WORK ITEM: In the listing that follows, locate the line containing "#251=EDGE_CURVE('',#246,#238,#250,.T.);" and the line containing "#313=CARTESIAN_POINT('',(-6.571,10.577,-3.92));". Retype exactly those two lines and every line between them, and nothing more.
━━━━━━
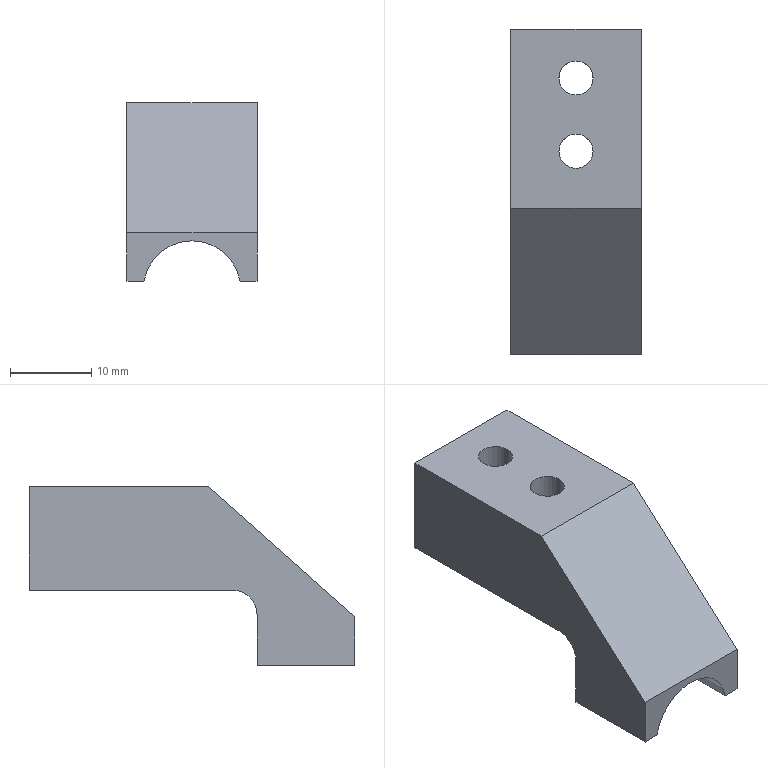Component | SolidWorks | CCDBlankingGripper-6 | 1 solid | 20 faces | box 16 x 40 x 22 mm | volume 5501 mm3 | plane 14 | cylinder 6 | commonest cylinder face diameters 4.2 x4 12 x1 6 x1 | material Q235
STEP:
#1=COLOUR_RGB('',0.7922,0.8196,0.9333);
#2=FILL_AREA_STYLE_COLOUR('',#1);
#3=FILL_AREA_STYLE('',(#2));
#4=SURFACE_STYLE_FILL_AREA(#3);
#5=SURFACE_SIDE_STYLE('',(#4));
#6=SURFACE_STYLE_USAGE(.BOTH.,#5);
#7=PRESENTATION_STYLE_ASSIGNMENT((#6));
#8=CARTESIAN_POINT('',(-6.173,11.207,-4.186));
#9=VERTEX_POINT('',#8);
#10=CARTESIAN_POINT('',(-6.339,11.207,-4.186));
#11=VERTEX_POINT('',#10);
#12=CARTESIAN_POINT('',(-6.256,11.207,-4.186));
#13=DIRECTION('',(-0.,0.,-1.));
#14=DIRECTION('',(0.,-1.,0.));
#15=AXIS2_PLACEMENT_3D('',#12,#13,#14);
#16=CIRCLE('',#15,0.08268);
#17=EDGE_CURVE('',#9,#11,#16,.T.);
#18=ORIENTED_EDGE('',*,*,#17,.T.);
#19=CARTESIAN_POINT('',(-6.339,11.207,-3.92));
#20=VERTEX_POINT('',#19);
#21=CARTESIAN_POINT('',(-6.339,11.207,-3.92));
#22=DIRECTION('',(0.,-0.,1.));
#23=VECTOR('',#22,39.37);
#24=LINE('',#21,#23);
#25=EDGE_CURVE('',#11,#20,#24,.T.);
#26=ORIENTED_EDGE('',*,*,#25,.T.);
#27=CARTESIAN_POINT('',(-6.173,11.207,-3.92));
#28=VERTEX_POINT('',#27);
#29=CARTESIAN_POINT('',(-6.256,11.207,-3.92));
#30=DIRECTION('',(0.,-0.,1.));
#31=DIRECTION('',(1.,0.,0.));
#32=AXIS2_PLACEMENT_3D('',#29,#30,#31);
#33=CIRCLE('',#32,0.08268);
#34=EDGE_CURVE('',#20,#28,#33,.T.);
#35=ORIENTED_EDGE('',*,*,#34,.T.);
#36=CARTESIAN_POINT('',(-6.173,11.207,-3.92));
#37=DIRECTION('',(0.,-0.,1.));
#38=VECTOR('',#37,39.37);
#39=LINE('',#36,#38);
#40=EDGE_CURVE('',#9,#28,#39,.T.);
#41=ORIENTED_EDGE('',*,*,#40,.F.);
#42=EDGE_LOOP('',(#18,#26,#35,#41));
#43=FACE_OUTER_BOUND('',#42,.T.);
#44=CARTESIAN_POINT('',(-6.256,11.207,-3.92));
#45=DIRECTION('',(0.,-0.,1.));
#46=DIRECTION('',(1.,0.,0.));
#47=AXIS2_PLACEMENT_3D('',#44,#45,#46);
#48=CYLINDRICAL_SURFACE('',#47,0.08268);
#49=ADVANCED_FACE('',(#43),#48,.F.);
#50=CARTESIAN_POINT('',(-6.173,10.853,-4.186));
#51=VERTEX_POINT('',#50);
#52=CARTESIAN_POINT('',(-6.339,10.853,-4.186));
#53=VERTEX_POINT('',#52);
#54=CARTESIAN_POINT('',(-6.256,10.853,-4.186));
#55=DIRECTION('',(-0.,0.,-1.));
#56=DIRECTION('',(0.,-1.,0.));
#57=AXIS2_PLACEMENT_3D('',#54,#55,#56);
#58=CIRCLE('',#57,0.08268);
#59=EDGE_CURVE('',#51,#53,#58,.T.);
#60=ORIENTED_EDGE('',*,*,#59,.T.);
#61=CARTESIAN_POINT('',(-6.339,10.853,-3.92));
#62=VERTEX_POINT('',#61);
#63=CARTESIAN_POINT('',(-6.339,10.853,-3.92));
#64=DIRECTION('',(0.,-0.,1.));
#65=VECTOR('',#64,39.37);
#66=LINE('',#63,#65);
#67=EDGE_CURVE('',#53,#62,#66,.T.);
#68=ORIENTED_EDGE('',*,*,#67,.T.);
#69=CARTESIAN_POINT('',(-6.173,10.853,-3.92));
#70=VERTEX_POINT('',#69);
#71=CARTESIAN_POINT('',(-6.256,10.853,-3.92));
#72=DIRECTION('',(0.,-0.,1.));
#73=DIRECTION('',(1.,0.,0.));
#74=AXIS2_PLACEMENT_3D('',#71,#72,#73);
#75=CIRCLE('',#74,0.08268);
#76=EDGE_CURVE('',#62,#70,#75,.T.);
#77=ORIENTED_EDGE('',*,*,#76,.T.);
#78=CARTESIAN_POINT('',(-6.173,10.853,-3.92));
#79=DIRECTION('',(0.,-0.,1.));
#80=VECTOR('',#79,39.37);
#81=LINE('',#78,#80);
#82=EDGE_CURVE('',#51,#70,#81,.T.);
#83=ORIENTED_EDGE('',*,*,#82,.F.);
#84=EDGE_LOOP('',(#60,#68,#77,#83));
#85=FACE_OUTER_BOUND('',#84,.T.);
#86=CARTESIAN_POINT('',(-6.256,10.853,-3.92));
#87=DIRECTION('',(0.,-0.,1.));
#88=DIRECTION('',(1.,0.,0.));
#89=AXIS2_PLACEMENT_3D('',#86,#87,#88);
#90=CYLINDRICAL_SURFACE('',#89,0.08268);
#91=ADVANCED_FACE('',(#85),#90,.F.);
#92=CARTESIAN_POINT('',(-6.571,10.341,-4.786));
#93=VERTEX_POINT('',#92);
#94=CARTESIAN_POINT('',(-6.489,10.341,-4.786));
#95=VERTEX_POINT('',#94);
#96=CARTESIAN_POINT('',(-5.941,10.341,-4.786));
#97=DIRECTION('',(1.,-0.,-0.));
#98=VECTOR('',#97,39.37);
#99=LINE('',#96,#98);
#100=EDGE_CURVE('',#93,#95,#99,.T.);
#101=ORIENTED_EDGE('',*,*,#100,.T.);
#102=CARTESIAN_POINT('',(-6.489,9.869,-4.786));
#103=VERTEX_POINT('',#102);
#104=CARTESIAN_POINT('',(-6.489,11.443,-4.786));
#105=DIRECTION('',(-0.,-1.,-0.));
#106=VECTOR('',#105,39.37);
#107=LINE('',#104,#106);
#108=EDGE_CURVE('',#95,#103,#107,.T.);
#109=ORIENTED_EDGE('',*,*,#108,.T.);
#110=CARTESIAN_POINT('',(-6.571,9.869,-4.786));
#111=VERTEX_POINT('',#110);
#112=CARTESIAN_POINT('',(-5.941,9.869,-4.786));
#113=DIRECTION('',(-1.,0.,0.));
#114=VECTOR('',#113,39.37);
#115=LINE('',#112,#114);
#116=EDGE_CURVE('',#103,#111,#115,.T.);
#117=ORIENTED_EDGE('',*,*,#116,.T.);
#118=CARTESIAN_POINT('',(-6.571,9.869,-4.786));
#119=DIRECTION('',(0.,1.,0.));
#120=VECTOR('',#119,39.37);
#121=LINE('',#118,#120);
#122=EDGE_CURVE('',#111,#93,#121,.T.);
#123=ORIENTED_EDGE('',*,*,#122,.T.);
#124=EDGE_LOOP('',(#101,#109,#117,#123));
#125=FACE_OUTER_BOUND('',#124,.T.);
#126=CARTESIAN_POINT('',(-5.941,9.869,-4.786));
#127=DIRECTION('',(0.,-0.,1.));
#128=DIRECTION('',(1.,-0.,-0.));
#129=AXIS2_PLACEMENT_3D('',#126,#127,#128);
#130=PLANE('',#129);
#131=ADVANCED_FACE('',(#125),#130,.F.);
#132=ORIENTED_EDGE('',*,*,#116,.F.);
#133=CARTESIAN_POINT('',(-6.023,9.869,-4.786));
#134=VERTEX_POINT('',#133);
#135=CARTESIAN_POINT('',(-6.256,9.869,-4.826));
#136=DIRECTION('',(-0.,-1.,-0.));
#137=DIRECTION('',(1.,-0.,0.));
#138=AXIS2_PLACEMENT_3D('',#135,#136,#137);
#139=CIRCLE('',#138,0.2362);
#140=EDGE_CURVE('',#134,#103,#139,.T.);
#141=ORIENTED_EDGE('',*,*,#140,.F.);
#142=CARTESIAN_POINT('',(-5.941,9.869,-4.786));
#143=VERTEX_POINT('',#142);
#144=CARTESIAN_POINT('',(-5.941,9.869,-4.786));
#145=DIRECTION('',(-1.,0.,0.));
#146=VECTOR('',#145,39.37);
#147=LINE('',#144,#146);
#148=EDGE_CURVE('',#143,#134,#147,.T.);
#149=ORIENTED_EDGE('',*,*,#148,.F.);
#150=CARTESIAN_POINT('',(-5.941,9.869,-4.55));
#151=VERTEX_POINT('',#150);
#152=CARTESIAN_POINT('',(-5.941,9.869,-4.786));
#153=DIRECTION('',(-0.,0.,-1.));
#154=VECTOR('',#153,39.37);
#155=LINE('',#152,#154);
#156=EDGE_CURVE('',#151,#143,#155,.T.);
#157=ORIENTED_EDGE('',*,*,#156,.F.);
#158=CARTESIAN_POINT('',(-6.571,9.869,-4.55));
#159=VERTEX_POINT('',#158);
#160=CARTESIAN_POINT('',(-6.571,9.869,-4.55));
#161=DIRECTION('',(1.,-0.,-0.));
#162=VECTOR('',#161,39.37);
#163=LINE('',#160,#162);
#164=EDGE_CURVE('',#159,#151,#163,.T.);
#165=ORIENTED_EDGE('',*,*,#164,.F.);
#166=CARTESIAN_POINT('',(-6.571,9.869,-4.786));
#167=DIRECTION('',(-0.,0.,-1.));
#168=VECTOR('',#167,39.37);
#169=LINE('',#166,#168);
#170=EDGE_CURVE('',#159,#111,#169,.T.);
#171=ORIENTED_EDGE('',*,*,#170,.T.);
#172=EDGE_LOOP('',(#132,#141,#149,#157,#165,#171));
#173=FACE_OUTER_BOUND('',#172,.T.);
#174=CARTESIAN_POINT('',(-5.941,9.869,-4.786));
#175=DIRECTION('',(0.,1.,0.));
#176=DIRECTION('',(-1.,0.,0.));
#177=AXIS2_PLACEMENT_3D('',#174,#175,#176);
#178=PLANE('',#177);
#179=ADVANCED_FACE('',(#173),#178,.F.);
#180=ORIENTED_EDGE('',*,*,#148,.T.);
#181=CARTESIAN_POINT('',(-6.023,10.341,-4.786));
#182=VERTEX_POINT('',#181);
#183=CARTESIAN_POINT('',(-6.023,11.443,-4.786));
#184=DIRECTION('',(0.,1.,0.));
#185=VECTOR('',#184,39.37);
#186=LINE('',#183,#185);
#187=EDGE_CURVE('',#134,#182,#186,.T.);
#188=ORIENTED_EDGE('',*,*,#187,.T.);
#189=CARTESIAN_POINT('',(-5.941,10.341,-4.786));
#190=VERTEX_POINT('',#189);
#191=CARTESIAN_POINT('',(-5.941,10.341,-4.786));
#192=DIRECTION('',(1.,-0.,-0.));
#193=VECTOR('',#192,39.37);
#194=LINE('',#191,#193);
#195=EDGE_CURVE('',#182,#190,#194,.T.);
#196=ORIENTED_EDGE('',*,*,#195,.T.);
#197=CARTESIAN_POINT('',(-5.941,9.869,-4.786));
#198=DIRECTION('',(0.,1.,0.));
#199=VECTOR('',#198,39.37);
#200=LINE('',#197,#199);
#201=EDGE_CURVE('',#143,#190,#200,.T.);
#202=ORIENTED_EDGE('',*,*,#201,.F.);
#203=EDGE_LOOP('',(#180,#188,#196,#202));
#204=FACE_OUTER_BOUND('',#203,.T.);
#205=CARTESIAN_POINT('',(-5.941,9.869,-4.786));
#206=DIRECTION('',(0.,-0.,1.));
#207=DIRECTION('',(1.,-0.,-0.));
#208=AXIS2_PLACEMENT_3D('',#205,#206,#207);
#209=PLANE('',#208);
#210=ADVANCED_FACE('',(#204),#209,.F.);
#211=CARTESIAN_POINT('',(-6.02,11.443,-4.186));
#212=VERTEX_POINT('',#211);
#213=CARTESIAN_POINT('',(-6.492,11.443,-4.186));
#214=VERTEX_POINT('',#213);
#215=CARTESIAN_POINT('',(-5.941,11.443,-4.186));
#216=DIRECTION('',(-1.,0.,0.));
#217=VECTOR('',#216,39.37);
#218=LINE('',#215,#217);
#219=EDGE_CURVE('',#212,#214,#218,.T.);
#220=ORIENTED_EDGE('',*,*,#219,.T.);
#221=CARTESIAN_POINT('',(-6.492,11.443,-4.422));
#222=VERTEX_POINT('',#221);
#223=CARTESIAN_POINT('',(-6.492,11.443,-4.786));
#224=DIRECTION('',(-0.,0.,-1.));
#225=VECTOR('',#224,39.37);
#226=LINE('',#223,#225);
#227=EDGE_CURVE('',#214,#222,#226,.T.);
#228=ORIENTED_EDGE('',*,*,#227,.T.);
#229=CARTESIAN_POINT('',(-6.571,11.443,-4.422));
#230=VERTEX_POINT('',#229);
#231=CARTESIAN_POINT('',(-6.571,11.443,-4.422));
#232=DIRECTION('',(1.,-0.,-0.));
#233=VECTOR('',#232,39.37);
#234=LINE('',#231,#233);
#235=EDGE_CURVE('',#230,#222,#234,.T.);
#236=ORIENTED_EDGE('',*,*,#235,.F.);
#237=CARTESIAN_POINT('',(-6.571,11.443,-3.92));
#238=VERTEX_POINT('',#237);
#239=CARTESIAN_POINT('',(-6.571,11.443,-4.786));
#240=DIRECTION('',(0.,-0.,1.));
#241=VECTOR('',#240,39.37);
#242=LINE('',#239,#241);
#243=EDGE_CURVE('',#230,#238,#242,.T.);
#244=ORIENTED_EDGE('',*,*,#243,.T.);
#245=CARTESIAN_POINT('',(-5.941,11.443,-3.92));
#246=VERTEX_POINT('',#245);
#247=CARTESIAN_POINT('',(-5.941,11.443,-3.92));
#248=DIRECTION('',(-1.,0.,0.));
#249=VECTOR('',#248,39.37);
#250=LINE('',#247,#249);
#251=EDGE_CURVE('',#246,#238,#250,.T.);
#252=ORIENTED_EDGE('',*,*,#251,.F.);
#253=CARTESIAN_POINT('',(-5.941,11.443,-4.422));
#254=VERTEX_POINT('',#253);
#255=CARTESIAN_POINT('',(-5.941,11.443,-4.786));
#256=DIRECTION('',(0.,-0.,1.));
#257=VECTOR('',#256,39.37);
#258=LINE('',#255,#257);
#259=EDGE_CURVE('',#254,#246,#258,.T.);
#260=ORIENTED_EDGE('',*,*,#259,.F.);
#261=CARTESIAN_POINT('',(-6.02,11.443,-4.422));
#262=VERTEX_POINT('',#261);
#263=CARTESIAN_POINT('',(-6.571,11.443,-4.422));
#264=DIRECTION('',(1.,-0.,-0.));
#265=VECTOR('',#264,39.37);
#266=LINE('',#263,#265);
#267=EDGE_CURVE('',#262,#254,#266,.T.);
#268=ORIENTED_EDGE('',*,*,#267,.F.);
#269=CARTESIAN_POINT('',(-6.02,11.443,-4.786));
#270=DIRECTION('',(0.,-0.,1.));
#271=VECTOR('',#270,39.37);
#272=LINE('',#269,#271);
#273=EDGE_CURVE('',#262,#212,#272,.T.);
#274=ORIENTED_EDGE('',*,*,#273,.T.);
#275=EDGE_LOOP('',(#220,#228,#236,#244,#252,#260,#268,#274));
#276=FACE_OUTER_BOUND('',#275,.T.);
#277=CARTESIAN_POINT('',(-5.941,11.443,-4.786));
#278=DIRECTION('',(-0.,-1.,-0.));
#279=DIRECTION('',(1.,-0.,-0.));
#280=AXIS2_PLACEMENT_3D('',#277,#278,#279);
#281=PLANE('',#280);
#282=ADVANCED_FACE('',(#276),#281,.F.);
#283=CARTESIAN_POINT('',(-6.256,11.207,-3.92));
#284=DIRECTION('',(0.,-0.,1.));
#285=DIRECTION('',(1.,0.,0.));
#286=AXIS2_PLACEMENT_3D('',#283,#284,#285);
#287=CIRCLE('',#286,0.08268);
#288=EDGE_CURVE('',#28,#20,#287,.T.);
#289=ORIENTED_EDGE('',*,*,#288,.F.);
#290=ORIENTED_EDGE('',*,*,#34,.F.);
#291=EDGE_LOOP('',(#289,#290));
#292=FACE_BOUND('',#291,.T.);
#293=CARTESIAN_POINT('',(-6.256,10.853,-3.92));
#294=DIRECTION('',(0.,-0.,1.));
#295=DIRECTION('',(1.,0.,0.));
#296=AXIS2_PLACEMENT_3D('',#293,#294,#295);
#297=CIRCLE('',#296,0.08268);
#298=EDGE_CURVE('',#70,#62,#297,.T.);
#299=ORIENTED_EDGE('',*,*,#298,.F.);
#300=ORIENTED_EDGE('',*,*,#76,.F.);
#301=EDGE_LOOP('',(#299,#300));
#302=FACE_BOUND('',#301,.T.);
#303=CARTESIAN_POINT('',(-6.571,10.577,-3.92));
#304=VERTEX_POINT('',#303);
#305=CARTESIAN_POINT('',(-6.571,9.869,-3.92));
#306=DIRECTION('',(-0.,-1.,-0.));
#307=VECTOR('',#306,39.37);
#308=LINE('',#305,#307);
#309=EDGE_CURVE('',#238,#304,#308,.T.);
#310=ORIENTED_EDGE('',*,*,#309,.T.);
#311=CARTESIAN_POINT('',(-5.941,10.577,-3.92));
#312=VERTEX_POINT('',#311);
#313=CARTESIAN_POINT('',(-6.571,10.577,-3.92));
#314=DIRECTION('',(1.,-0.,-0.));
#315=VECTOR('',#314,39.37);
#316=LINE('',#313,#315);
#317=EDGE_CURVE('',#304,#312,#316,.T.);
#318=ORIENTED_EDGE('',*,*,#317,.T.);
#319=CARTESIAN_POINT('',(-5.941,9.869,-3.92));
#320=DIRECTION('',(-0.,-1.,-0.));
#321=VECTOR('',#320,39.37);
#322=LINE('',#319,#321);
#323=EDGE_CURVE('',#246,#312,#322,.T.);
#324=ORIENTED_EDGE('',*,*,#323,.F.);
#325=ORIENTED_EDGE('',*,*,#251,.T.);
#326=EDGE_LOOP('',(#310,#318,#324,#325));
#327=FACE_OUTER_BOUND('',#326,.T.);
#328=CARTESIAN_POINT('',(-5.941,9.869,-3.92));
#329=DIRECTION('',(-0.,0.,-1.));
#330=DIRECTION('',(-1.,0.,0.));
#331=AXIS2_PLACEMENT_3D('',#328,#329,#330);
#332=PLANE('',#331);
#333=ADVANCED_FACE('',(#292,#302,#327),#332,.F.);
#334=ORIENTED_EDGE('',*,*,#201,.T.);
#335=CARTESIAN_POINT('',(-5.941,10.341,-4.54));
#336=VERTEX_POINT('',#335);
#337=CARTESIAN_POINT('',(-5.941,10.341,-4.422));
#338=DIRECTION('',(-0.,0.,-1.));
#339=VECTOR('',#338,39.37);
#340=LINE('',#337,#339);
#341=EDGE_CURVE('',#336,#190,#340,.T.);
#342=ORIENTED_EDGE('',*,*,#341,.F.);
#343=CARTESIAN_POINT('',(-5.941,10.459,-4.422));
#344=VERTEX_POINT('',#343);
#345=CARTESIAN_POINT('',(-5.941,10.459,-4.54));
#346=DIRECTION('',(-1.,0.,0.));
#347=DIRECTION('',(-0.,-1.,0.));
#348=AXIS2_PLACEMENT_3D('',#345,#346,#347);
━━━━━━
WRITTEN ANSWER:
#251=EDGE_CURVE('',#246,#238,#250,.T.);
#252=ORIENTED_EDGE('',*,*,#251,.F.);
#253=CARTESIAN_POINT('',(-5.941,11.443,-4.422));
#254=VERTEX_POINT('',#253);
#255=CARTESIAN_POINT('',(-5.941,11.443,-4.786));
#256=DIRECTION('',(0.,-0.,1.));
#257=VECTOR('',#256,39.37);
#258=LINE('',#255,#257);
#259=EDGE_CURVE('',#254,#246,#258,.T.);
#260=ORIENTED_EDGE('',*,*,#259,.F.);
#261=CARTESIAN_POINT('',(-6.02,11.443,-4.422));
#262=VERTEX_POINT('',#261);
#263=CARTESIAN_POINT('',(-6.571,11.443,-4.422));
#264=DIRECTION('',(1.,-0.,-0.));
#265=VECTOR('',#264,39.37);
#266=LINE('',#263,#265);
#267=EDGE_CURVE('',#262,#254,#266,.T.);
#268=ORIENTED_EDGE('',*,*,#267,.F.);
#269=CARTESIAN_POINT('',(-6.02,11.443,-4.786));
#270=DIRECTION('',(0.,-0.,1.));
#271=VECTOR('',#270,39.37);
#272=LINE('',#269,#271);
#273=EDGE_CURVE('',#262,#212,#272,.T.);
#274=ORIENTED_EDGE('',*,*,#273,.T.);
#275=EDGE_LOOP('',(#220,#228,#236,#244,#252,#260,#268,#274));
#276=FACE_OUTER_BOUND('',#275,.T.);
#277=CARTESIAN_POINT('',(-5.941,11.443,-4.786));
#278=DIRECTION('',(-0.,-1.,-0.));
#279=DIRECTION('',(1.,-0.,-0.));
#280=AXIS2_PLACEMENT_3D('',#277,#278,#279);
#281=PLANE('',#280);
#282=ADVANCED_FACE('',(#276),#281,.F.);
#283=CARTESIAN_POINT('',(-6.256,11.207,-3.92));
#284=DIRECTION('',(0.,-0.,1.));
#285=DIRECTION('',(1.,0.,0.));
#286=AXIS2_PLACEMENT_3D('',#283,#284,#285);
#287=CIRCLE('',#286,0.08268);
#288=EDGE_CURVE('',#28,#20,#287,.T.);
#289=ORIENTED_EDGE('',*,*,#288,.F.);
#290=ORIENTED_EDGE('',*,*,#34,.F.);
#291=EDGE_LOOP('',(#289,#290));
#292=FACE_BOUND('',#291,.T.);
#293=CARTESIAN_POINT('',(-6.256,10.853,-3.92));
#294=DIRECTION('',(0.,-0.,1.));
#295=DIRECTION('',(1.,0.,0.));
#296=AXIS2_PLACEMENT_3D('',#293,#294,#295);
#297=CIRCLE('',#296,0.08268);
#298=EDGE_CURVE('',#70,#62,#297,.T.);
#299=ORIENTED_EDGE('',*,*,#298,.F.);
#300=ORIENTED_EDGE('',*,*,#76,.F.);
#301=EDGE_LOOP('',(#299,#300));
#302=FACE_BOUND('',#301,.T.);
#303=CARTESIAN_POINT('',(-6.571,10.577,-3.92));
#304=VERTEX_POINT('',#303);
#305=CARTESIAN_POINT('',(-6.571,9.869,-3.92));
#306=DIRECTION('',(-0.,-1.,-0.));
#307=VECTOR('',#306,39.37);
#308=LINE('',#305,#307);
#309=EDGE_CURVE('',#238,#304,#308,.T.);
#310=ORIENTED_EDGE('',*,*,#309,.T.);
#311=CARTESIAN_POINT('',(-5.941,10.577,-3.92));
#312=VERTEX_POINT('',#311);
#313=CARTESIAN_POINT('',(-6.571,10.577,-3.92));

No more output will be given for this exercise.